Starting with the first line below, extract each line through the one that contains "p2 = place(p1, origin())", inclusive, excluding pictures.

** RECORDS FOR THE EXERCISE follows **

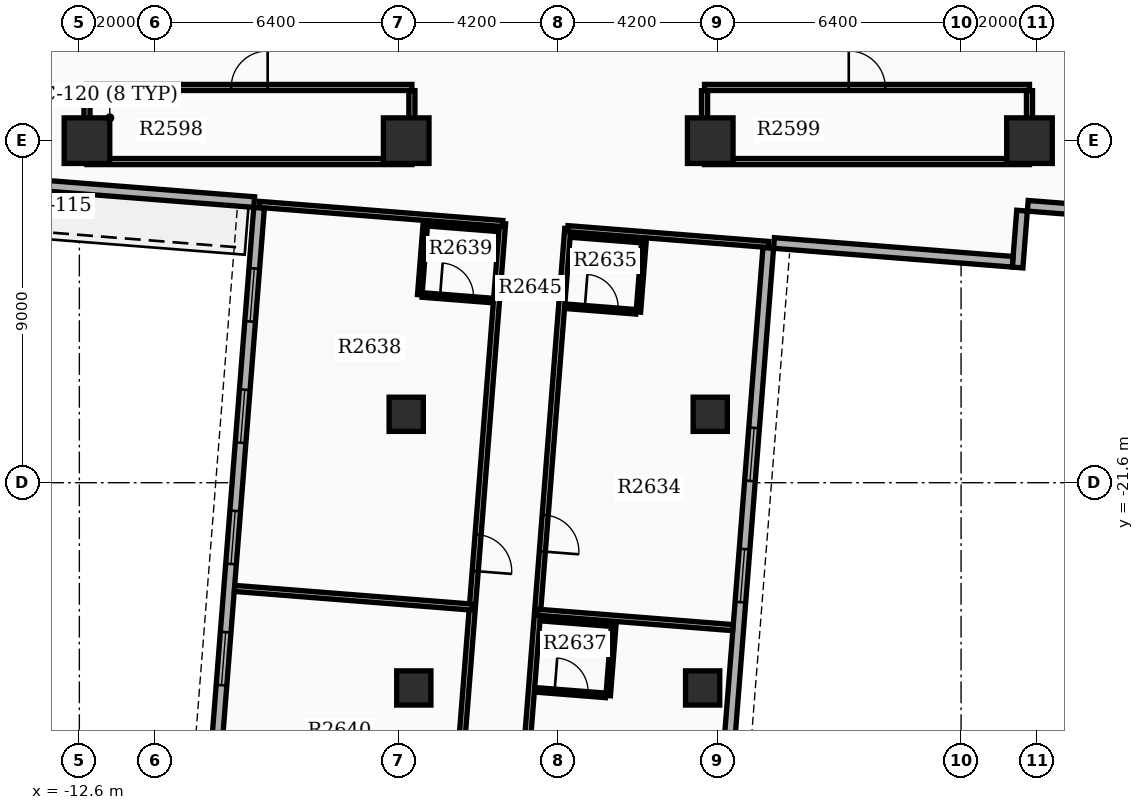
"""IFC4 building model, lengths in metres.
Left out: names, types, materials, properties, quantities, classifications, styles, units other than length and angle.
Written with IfcOpenShell. Run it as: python <this file> out.ifc"""

import sys

from ifc_helpers import new_model, si_unit, direction, frame, frame_2d, origin, origin_2d, place, context, subcontext, project, spatial, rectangle, extrude, element, fill, save


model = new_model("IFC4")
c1 = context("Model", 3, precision=1e-05, world=origin(), true_north=direction((0.0, 1.0)))
c2 = subcontext(c1, "Body", "Model", "MODEL_VIEW")
j1 = project(units=[si_unit("LENGTHUNIT", "METRE"), si_unit("PLANEANGLEUNIT", "RADIAN")], contexts=[c1])
p1 = place(None, origin())
s1 = spatial("IfcSite", under=j1, at=p1, CompositionType="ELEMENT")
p2 = place(p1, origin())
s2 = spatial("IfcBuilding", under=s1, at=p2, CompositionType="ELEMENT")
p3 = place(p2, frame((0.0, 0.0, 164.4)))
s3 = spatial("IfcBuildingStorey", under=s2, at=p3, CompositionType="ELEMENT", Elevation=164.4)
for number, where, z_axis, x_axis in (
    (1, (-12.4, -12.6, 0.0), (0.0, 0.0, 1.0), (1.0, 0.0, 0.0)),
    (2, (12.4, -12.6, 0.0), (0.0, 0.0, 1.0), (1.0, 0.0, 0.0)),
    (3, (-4.0, -12.6, 0.0), (0.0, 0.0, 1.0), (1.0, 0.0, 0.0)),
    (4, (4.0, -12.6, 0.0), (0.0, 0.0, 1.0), (1.0, 0.0, 0.0)),
):
    element("IfcColumn", number, at=place(p3, frame(where, z_axis=z_axis, x_axis=x_axis)), inside=s3, PredefinedType="COLUMN", context=c2, shape_type="SweptSolid", body=[
        extrude(rectangle(XDim=1.2, YDim=1.2, at=origin_2d()), origin(), (0.0, 0.0, 1.0), 3.9),
    ])
for number, where, z_axis, x_axis in (
    (5, (-4.0, -19.8, 0.0), (0.0, 0.0, 1.0), (1.0, 0.0, 0.0)),
    (6, (4.0, -19.8, 0.0), (0.0, 0.0, 1.0), (1.0, 0.0, 0.0)),
    (7, (-3.8, -27.0, 0.0), (0.0, 0.0, 1.0), (1.0, 0.0, 0.0)),
    (8, (3.8, -27.0, 0.0), (0.0, 0.0, 1.0), (1.0, 0.0, 0.0)),
):
    element("IfcColumn", number, at=place(p3, frame(where, z_axis=z_axis, x_axis=x_axis)), inside=s3, PredefinedType="COLUMN", context=c2, shape_type="SweptSolid", body=[
        extrude(rectangle(XDim=0.9, YDim=0.9, at=origin_2d()), origin(), (0.0, 0.0, 1.0), 3.9),
    ])
p4 = place(p3, frame((-7.872, -14.367, 0.0), z_axis=(0.0, 0.0, 1.0), x_axis=(-0.078452802979, -0.996917828963, 0.0)))
e9 = element("IfcWall", 9, at=p4, inside=s3, PredefinedType="STANDARD", context=c2, shape_type="SweptSolid", body=[
    extrude(rectangle(XDim=20.1, YDim=0.28, at=frame_2d((10.05, 0.0))), origin(), (0.0, 0.0, 1.0), 2.97),
])
p5 = place(p4, frame((1.6, 0.0, 0.8)))
e10 = element("IfcOpeningElement", 10, at=p5, cuts=e9, PredefinedType="OPENING", context=c2, shape_type="SweptSolid", body=[
    extrude(rectangle(XDim=1.4, YDim=1.6, at=frame_2d((0.7, 0.8))), frame((0.0, 0.15, 0.0), z_axis=(0.0, -1.0, 0.0), x_axis=(1.0, 0.0, 0.0)), (0.0, 0.0, 1.0), 0.3),
])
p6 = place(p4, frame((4.8, 0.0, 0.8)))
e11 = element("IfcOpeningElement", 11, at=p6, cuts=e9, PredefinedType="OPENING", context=c2, shape_type="SweptSolid", body=[
    extrude(rectangle(XDim=1.4, YDim=1.6, at=frame_2d((0.7, 0.8))), frame((0.0, 0.15, 0.0), z_axis=(0.0, -1.0, 0.0), x_axis=(1.0, 0.0, 0.0)), (0.0, 0.0, 1.0), 0.3),
])
p7 = place(p4, frame((8.0, 0.0, 0.8)))
e12 = element("IfcOpeningElement", 12, at=p7, cuts=e9, PredefinedType="OPENING", context=c2, shape_type="SweptSolid", body=[
    extrude(rectangle(XDim=1.4, YDim=1.6, at=frame_2d((0.7, 0.8))), frame((0.0, 0.15, 0.0), z_axis=(0.0, -1.0, 0.0), x_axis=(1.0, 0.0, 0.0)), (0.0, 0.0, 1.0), 0.3),
])
p8 = place(p4, frame((11.2, 0.0, 0.8)))
e13 = element("IfcOpeningElement", 13, at=p8, cuts=e9, PredefinedType="OPENING", context=c2, shape_type="SweptSolid", body=[
    extrude(rectangle(XDim=1.4, YDim=1.6, at=frame_2d((0.7, 0.8))), frame((0.0, 0.15, 0.0), z_axis=(0.0, -1.0, 0.0), x_axis=(1.0, 0.0, 0.0)), (0.0, 0.0, 1.0), 0.3),
])
p9 = place(p3, frame((3.95, -35.459, 0.0), z_axis=(0.0, 0.0, 1.0), x_axis=(0.078452802979, 0.996917828963, 0.0)))
e14 = element("IfcWall", 14, at=p9, inside=s3, PredefinedType="STANDARD", context=c2, shape_type="SweptSolid", body=[
    extrude(rectangle(XDim=20.1, YDim=0.28, at=frame_2d((10.05, 0.0))), origin(), (0.0, 0.0, 1.0), 2.97),
])
p10 = place(p9, frame((1.6, 0.0, 0.8)))
e15 = element("IfcOpeningElement", 15, at=p10, cuts=e14, PredefinedType="OPENING", context=c2, shape_type="SweptSolid", body=[
    extrude(rectangle(XDim=1.4, YDim=1.6, at=frame_2d((0.7, 0.8))), frame((0.0, 0.15, 0.0), z_axis=(0.0, -1.0, 0.0), x_axis=(1.0, 0.0, 0.0)), (0.0, 0.0, 1.0), 0.3),
])
p11 = place(p9, frame((4.8, 0.0, 0.8)))
e16 = element("IfcOpeningElement", 16, at=p11, cuts=e14, PredefinedType="OPENING", context=c2, shape_type="SweptSolid", body=[
    extrude(rectangle(XDim=1.4, YDim=1.6, at=frame_2d((0.7, 0.8))), frame((0.0, 0.15, 0.0), z_axis=(0.0, -1.0, 0.0), x_axis=(1.0, 0.0, 0.0)), (0.0, 0.0, 1.0), 0.3),
])
p12 = place(p9, frame((10.75, 0.0, 0.8)))
e17 = element("IfcOpeningElement", 17, at=p12, cuts=e14, PredefinedType="OPENING", context=c2, shape_type="SweptSolid", body=[
    extrude(rectangle(XDim=1.4, YDim=1.6, at=frame_2d((0.7, 0.8))), frame((0.0, 0.15, 0.0), z_axis=(0.0, -1.0, 0.0), x_axis=(1.0, 0.0, 0.0)), (0.0, 0.0, 1.0), 0.3),
])
p13 = place(p9, frame((13.95, 0.0, 0.8)))
e18 = element("IfcOpeningElement", 18, at=p13, cuts=e14, PredefinedType="OPENING", context=c2, shape_type="SweptSolid", body=[
    extrude(rectangle(XDim=1.4, YDim=1.6, at=frame_2d((0.7, 0.8))), frame((0.0, 0.15, 0.0), z_axis=(0.0, -1.0, 0.0), x_axis=(1.0, 0.0, 0.0)), (0.0, 0.0, 1.0), 0.3),
])
p14 = place(p3, frame((-14.281, -13.722, 0.0), z_axis=(0.0, 0.0, 1.0), x_axis=(0.99691915642, -0.078435932851, 0.0)))
e19 = element("IfcWall", 19, at=p14, inside=s3, PredefinedType="STANDARD", context=c2, shape_type="SweptSolid", body=[
    extrude(rectangle(XDim=6.3, YDim=0.28, at=frame_2d((3.15, 0.0))), origin(), (0.0, 0.0, 1.0), 2.97),
])
p15 = place(p3, frame((13.571, -14.409, 0.0), z_axis=(0.0, 0.0, 1.0), x_axis=(-0.996918772, 0.078440818672, 0.0)))
e20 = element("IfcWall", 20, at=p15, inside=s3, PredefinedType="STANDARD", context=c2, shape_type="SweptSolid", body=[
    extrude(rectangle(XDim=1.22, YDim=0.28, at=frame_2d((0.61, 0.0))), origin(), (0.0, 0.0, 1.0), 2.97),
])
p16 = place(p3, frame((12.205, -14.442, 0.0), z_axis=(0.0, 0.0, 1.0), x_axis=(-0.078451338629, -0.9969179442, 0.0)))
e21 = element("IfcWall", 21, at=p16, inside=s3, PredefinedType="STANDARD", context=c2, shape_type="SweptSolid", body=[
    extrude(rectangle(XDim=1.5, YDim=0.28, at=frame_2d((0.75, 0.0))), origin(), (0.0, 0.0, 1.0), 2.97),
])
p17 = place(p3, frame((11.958, -15.787, 0.0), z_axis=(0.0, 0.0, 1.0), x_axis=(-0.996916125428, 0.078474447191, 0.0)))
e22 = element("IfcWall", 22, at=p17, inside=s3, PredefinedType="STANDARD", context=c2, shape_type="SweptSolid", body=[
    extrude(rectangle(XDim=6.3, YDim=0.28, at=frame_2d((3.15, 0.0))), origin(), (0.0, 0.0, 1.0), 2.97),
])
p18 = place(p3, frame((-12.4, -13.15, 0.0), z_axis=(0.0, 0.0, 1.0), x_axis=(1.0, 0.0, 0.0)))
e23 = element("IfcWall", 23, at=p18, inside=s3, PredefinedType="PARTITIONING", context=c2, shape_type="SweptSolid", body=[
    extrude(rectangle(XDim=8.55, YDim=0.16, at=frame_2d((4.275, 0.0))), origin(), (0.0, 0.0, 1.0), 2.96),
])
p19 = place(p3, frame((-12.4, -11.2, 0.0), z_axis=(0.0, 0.0, 1.0), x_axis=(1.0, 0.0, 0.0)))
e24 = element("IfcWall", 24, at=p19, inside=s3, PredefinedType="PARTITIONING", context=c2, shape_type="SweptSolid", body=[
    extrude(rectangle(XDim=8.55, YDim=0.16, at=frame_2d((4.275, 0.0))), origin(), (0.0, 0.0, 1.0), 2.96),
])
p20 = place(p19, frame((3.795, 0.0, 0.0)))
e25 = element("IfcOpeningElement", 25, at=p20, cuts=e24, PredefinedType="OPENING", context=c2, shape_type="SweptSolid", body=[
    extrude(rectangle(XDim=0.96, YDim=2.15, at=frame_2d((0.48, 1.075))), frame((0.0, 0.09, 0.0), z_axis=(0.0, -1.0, 0.0), x_axis=(1.0, 0.0, 0.0)), (0.0, 0.0, 1.0), 0.18),
])
for number, where, z_axis, x_axis in (
    (26, (-12.4, -13.065, 0.0), (0.0, 0.0, 1.0), (0.0, 1.0, 0.0)),
    (27, (-3.85, -13.065, 0.0), (0.0, 0.0, 1.0), (0.0, 1.0, 0.0)),
):
    element("IfcWall", number, at=place(p3, frame(where, z_axis=z_axis, x_axis=x_axis)), inside=s3, PredefinedType="PARTITIONING", context=c2, shape_type="SweptSolid", body=[
        extrude(rectangle(XDim=1.78, YDim=0.16, at=frame_2d((0.89, 0.0))), origin(), (0.0, 0.0, 1.0), 2.96),
    ])
p21 = place(p3, frame((3.85, -13.15, 0.0), z_axis=(0.0, 0.0, 1.0), x_axis=(1.0, 0.0, 0.0)))
e28 = element("IfcWall", 28, at=p21, inside=s3, PredefinedType="PARTITIONING", context=c2, shape_type="SweptSolid", body=[
    extrude(rectangle(XDim=8.55, YDim=0.16, at=frame_2d((4.275, 0.0))), origin(), (0.0, 0.0, 1.0), 2.96),
])
p22 = place(p3, frame((3.85, -11.2, 0.0), z_axis=(0.0, 0.0, 1.0), x_axis=(1.0, 0.0, 0.0)))
e29 = element("IfcWall", 29, at=p22, inside=s3, PredefinedType="PARTITIONING", context=c2, shape_type="SweptSolid", body=[
    extrude(rectangle(XDim=8.55, YDim=0.16, at=frame_2d((4.275, 0.0))), origin(), (0.0, 0.0, 1.0), 2.96),
])
p23 = place(p22, frame((3.795, 0.0, 0.0)))
e30 = element("IfcOpeningElement", 30, at=p23, cuts=e29, PredefinedType="OPENING", context=c2, shape_type="SweptSolid", body=[
    extrude(rectangle(XDim=0.96, YDim=2.15, at=frame_2d((0.48, 1.075))), frame((0.0, 0.09, 0.0), z_axis=(0.0, -1.0, 0.0), x_axis=(1.0, 0.0, 0.0)), (0.0, 0.0, 1.0), 0.18),
])
for number, where, z_axis, x_axis in (
    (31, (3.85, -13.065, 0.0), (0.0, 0.0, 1.0), (0.0, 1.0, 0.0)),
    (32, (12.4, -13.065, 0.0), (0.0, 0.0, 1.0), (0.0, 1.0, 0.0)),
):
    element("IfcWall", number, at=place(p3, frame(where, z_axis=z_axis, x_axis=x_axis)), inside=s3, PredefinedType="PARTITIONING", context=c2, shape_type="SweptSolid", body=[
        extrude(rectangle(XDim=1.78, YDim=0.16, at=frame_2d((0.89, 0.0))), origin(), (0.0, 0.0, 1.0), 2.96),
    ])
p24 = place(p3, frame((0.25, -14.916, 0.0), z_axis=(0.0, 0.0, 1.0), x_axis=(-0.078460461943, -0.996917226209, 0.0)))
e33 = element("IfcWall", 33, at=p24, inside=s3, PredefinedType="PARTITIONING", context=c2, shape_type="SweptSolid", body=[
    extrude(rectangle(XDim=20.182, YDim=0.16, at=frame_2d((10.091, 0.0))), origin(), (0.0, 0.0, 1.0), 2.96),
])
p25 = place(p24, frame((7.559, 0.0, 0.0)))
e34 = element("IfcOpeningElement", 34, at=p25, cuts=e33, PredefinedType="OPENING", context=c2, shape_type="SweptSolid", body=[
    extrude(rectangle(XDim=0.96, YDim=2.15, at=frame_2d((0.48, 1.075))), frame((0.0, 0.09, 0.0), z_axis=(0.0, -1.0, 0.0), x_axis=(1.0, 0.0, 0.0)), (0.0, 0.0, 1.0), 0.18),
])
p26 = place(p24, frame((18.93, 0.0, 0.0)))
e35 = element("IfcOpeningElement", 35, at=p26, cuts=e33, PredefinedType="OPENING", context=c2, shape_type="SweptSolid", body=[
    extrude(rectangle(XDim=0.96, YDim=2.15, at=frame_2d((0.48, 1.075))), frame((0.0, 0.09, 0.0), z_axis=(0.0, -1.0, 0.0), x_axis=(1.0, 0.0, 0.0)), (0.0, 0.0, 1.0), 0.18),
])
p27 = place(p3, frame((0.25, -14.916, 0.0), z_axis=(0.0, 0.0, 1.0), x_axis=(0.996914675376, -0.07849286604, 0.0)))
e36 = element("IfcWall", 36, at=p27, inside=s3, PredefinedType="PARTITIONING", context=c2, shape_type="SweptSolid", body=[
    extrude(rectangle(XDim=5.3, YDim=0.16, at=frame_2d((2.65, 0.0))), origin(), (0.0, 0.0, 1.0), 2.96),
])
p28 = place(p3, frame((-0.544, -25.008, 0.0), z_axis=(0.0, 0.0, 1.0), x_axis=(0.99691602815, -0.078475682969, 0.0)))
e37 = element("IfcWall", 37, at=p28, inside=s3, PredefinedType="PARTITIONING", context=c2, shape_type="SweptSolid", body=[
    extrude(rectangle(XDim=5.152, YDim=0.16, at=frame_2d((2.576, 0.0))), origin(), (0.0, 0.0, 1.0), 2.96),
])
p29 = place(p3, frame((0.23, -16.96, 0.0), z_axis=(0.0, 0.0, 1.0), x_axis=(0.996916400774, -0.0784709492, 0.0)))
e38 = element("IfcWall", 38, at=p29, inside=s3, PredefinedType="PARTITIONING", context=c2, shape_type="SweptSolid", body=[
    extrude(rectangle(XDim=1.82, YDim=0.12, at=frame_2d((0.91, 0.0))), origin(), (0.0, 0.0, 1.0), 2.96),
])
p30 = place(p29, frame((0.47, 0.0, 0.0)))
e39 = element("IfcOpeningElement", 39, at=p30, cuts=e38, PredefinedType="OPENING", context=c2, shape_type="SweptSolid", body=[
    extrude(rectangle(XDim=0.88, YDim=2.1, at=frame_2d((0.44, 1.05))), frame((0.0, 0.07, 0.0), z_axis=(0.0, -1.0, 0.0), x_axis=(1.0, 0.0, 0.0)), (0.0, 0.0, 1.0), 0.14),
])
p31 = place(p3, frame((0.377, -15.086, 0.0), z_axis=(0.0, 0.0, 1.0), x_axis=(0.996916400774, -0.0784709492, 0.0)))
e40 = element("IfcWall", 40, at=p31, inside=s3, PredefinedType="PARTITIONING", context=c2, shape_type="SweptSolid", body=[
    extrude(rectangle(XDim=1.82, YDim=0.12, at=frame_2d((0.91, 0.0))), origin(), (0.0, 0.0, 1.0), 2.96),
])
p32 = place(p3, frame((2.257, -15.234, 0.0), z_axis=(0.0, 0.0, 1.0), x_axis=(-0.07843418698, -0.996919293781, 0.0)))
e41 = element("IfcWall", 41, at=p32, inside=s3, PredefinedType="PARTITIONING", context=c2, shape_type="SweptSolid", body=[
    extrude(rectangle(XDim=1.88, YDim=0.12, at=frame_2d((0.94, 0.0))), origin(), (0.0, 0.0, 1.0), 2.96),
])
p33 = place(p3, frame((-0.564, -27.053, 0.0), z_axis=(0.0, 0.0, 1.0), x_axis=(0.996915574626, -0.078481444107, 0.0)))
e42 = element("IfcWall", 42, at=p33, inside=s3, PredefinedType="PARTITIONING", context=c2, shape_type="SweptSolid", body=[
    extrude(rectangle(XDim=1.82, YDim=0.12, at=frame_2d((0.91, 0.0))), origin(), (0.0, 0.0, 1.0), 2.96),
])
p34 = place(p33, frame((0.47, 0.0, 0.0)))
e43 = element("IfcOpeningElement", 43, at=p34, cuts=e42, PredefinedType="OPENING", context=c2, shape_type="SweptSolid", body=[
    extrude(rectangle(XDim=0.88, YDim=2.1, at=frame_2d((0.44, 1.05))), frame((0.0, 0.07, 0.0), z_axis=(0.0, -1.0, 0.0), x_axis=(1.0, 0.0, 0.0)), (0.0, 0.0, 1.0), 0.14),
])
p35 = place(p3, frame((-0.417, -25.179, 0.0), z_axis=(0.0, 0.0, 1.0), x_axis=(0.996916400774, -0.0784709492, 0.0)))
e44 = element("IfcWall", 44, at=p35, inside=s3, PredefinedType="PARTITIONING", context=c2, shape_type="SweptSolid", body=[
    extrude(rectangle(XDim=1.82, YDim=0.12, at=frame_2d((0.91, 0.0))), origin(), (0.0, 0.0, 1.0), 2.96),
])
p36 = place(p3, frame((1.462, -25.327, 0.0), z_axis=(0.0, 0.0, 1.0), x_axis=(-0.078444342213, -0.99691849475, 0.0)))
e45 = element("IfcWall", 45, at=p36, inside=s3, PredefinedType="PARTITIONING", context=c2, shape_type="SweptSolid", body=[
    extrude(rectangle(XDim=1.88, YDim=0.12, at=frame_2d((0.94, 0.0))), origin(), (0.0, 0.0, 1.0), 2.96),
])
p37 = place(p3, frame((-1.464, -14.781, 0.0), z_axis=(0.0, 0.0, 1.0), x_axis=(-0.078461408156, -0.996917151738, 0.0)))
e46 = element("IfcWall", 46, at=p37, inside=s3, PredefinedType="PARTITIONING", context=c2, shape_type="SweptSolid", body=[
    extrude(rectangle(XDim=20.182, YDim=0.16, at=frame_2d((10.091, 0.0))), origin(), (0.0, 0.0, 1.0), 2.96),
])
p38 = place(p37, frame((8.212, 0.0, 0.0)))
e47 = element("IfcOpeningElement", 47, at=p38, cuts=e46, PredefinedType="OPENING", context=c2, shape_type="SweptSolid", body=[
    extrude(rectangle(XDim=0.96, YDim=2.15, at=frame_2d((0.48, 1.075))), frame((0.0, 0.09, 0.0), z_axis=(0.0, -1.0, 0.0), x_axis=(1.0, 0.0, 0.0)), (0.0, 0.0, 1.0), 0.18),
])
p39 = place(p37, frame((16.261, 0.0, 0.0)))
e48 = element("IfcOpeningElement", 48, at=p39, cuts=e46, PredefinedType="OPENING", context=c2, shape_type="SweptSolid", body=[
    extrude(rectangle(XDim=0.96, YDim=2.15, at=frame_2d((0.48, 1.075))), frame((0.0, 0.09, 0.0), z_axis=(0.0, -1.0, 0.0), x_axis=(1.0, 0.0, 0.0)), (0.0, 0.0, 1.0), 0.18),
])
p40 = place(p3, frame((-1.464, -14.781, 0.0), z_axis=(0.0, 0.0, 1.0), x_axis=(-0.996918059277, 0.07844987627, 0.0)))
e49 = element("IfcWall", 49, at=p40, inside=s3, PredefinedType="PARTITIONING", context=c2, shape_type="SweptSolid", body=[
    extrude(rectangle(XDim=6.42, YDim=0.16, at=frame_2d((3.21, 0.0))), origin(), (0.0, 0.0, 1.0), 2.96),
])
p41 = place(p3, frame((-2.259, -24.874, 0.0), z_axis=(0.0, 0.0, 1.0), x_axis=(-0.996916205331, 0.078473432117, 0.0)))
e50 = element("IfcWall", 50, at=p41, inside=s3, PredefinedType="PARTITIONING", context=c2, shape_type="SweptSolid", body=[
    extrude(rectangle(XDim=6.272, YDim=0.16, at=frame_2d((3.136, 0.0))), origin(), (0.0, 0.0, 1.0), 2.96),
])
p42 = place(p3, frame((-3.578, -16.661, 0.0), z_axis=(0.0, 0.0, 1.0), x_axis=(0.996915574626, -0.078481444107, 0.0)))
e51 = element("IfcWall", 51, at=p42, inside=s3, PredefinedType="PARTITIONING", context=c2, shape_type="SweptSolid", body=[
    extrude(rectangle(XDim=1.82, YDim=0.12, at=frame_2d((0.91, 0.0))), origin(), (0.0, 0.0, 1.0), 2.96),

** End of RECORDS FOR THE EXERCISE **

■ FINISHED EXERCISE ■
"""IFC4 building model, lengths in metres.
Left out: names, types, materials, properties, quantities, classifications, styles, units other than length and angle.
Written with IfcOpenShell. Run it as: python <this file> out.ifc"""

import sys

from ifc_helpers import new_model, si_unit, direction, frame, frame_2d, origin, origin_2d, place, context, subcontext, project, spatial, rectangle, extrude, element, fill, save


model = new_model("IFC4")
c1 = context("Model", 3, precision=1e-05, world=origin(), true_north=direction((0.0, 1.0)))
c2 = subcontext(c1, "Body", "Model", "MODEL_VIEW")
j1 = project(units=[si_unit("LENGTHUNIT", "METRE"), si_unit("PLANEANGLEUNIT", "RADIAN")], contexts=[c1])
p1 = place(None, origin())
s1 = spatial("IfcSite", under=j1, at=p1, CompositionType="ELEMENT")
p2 = place(p1, origin())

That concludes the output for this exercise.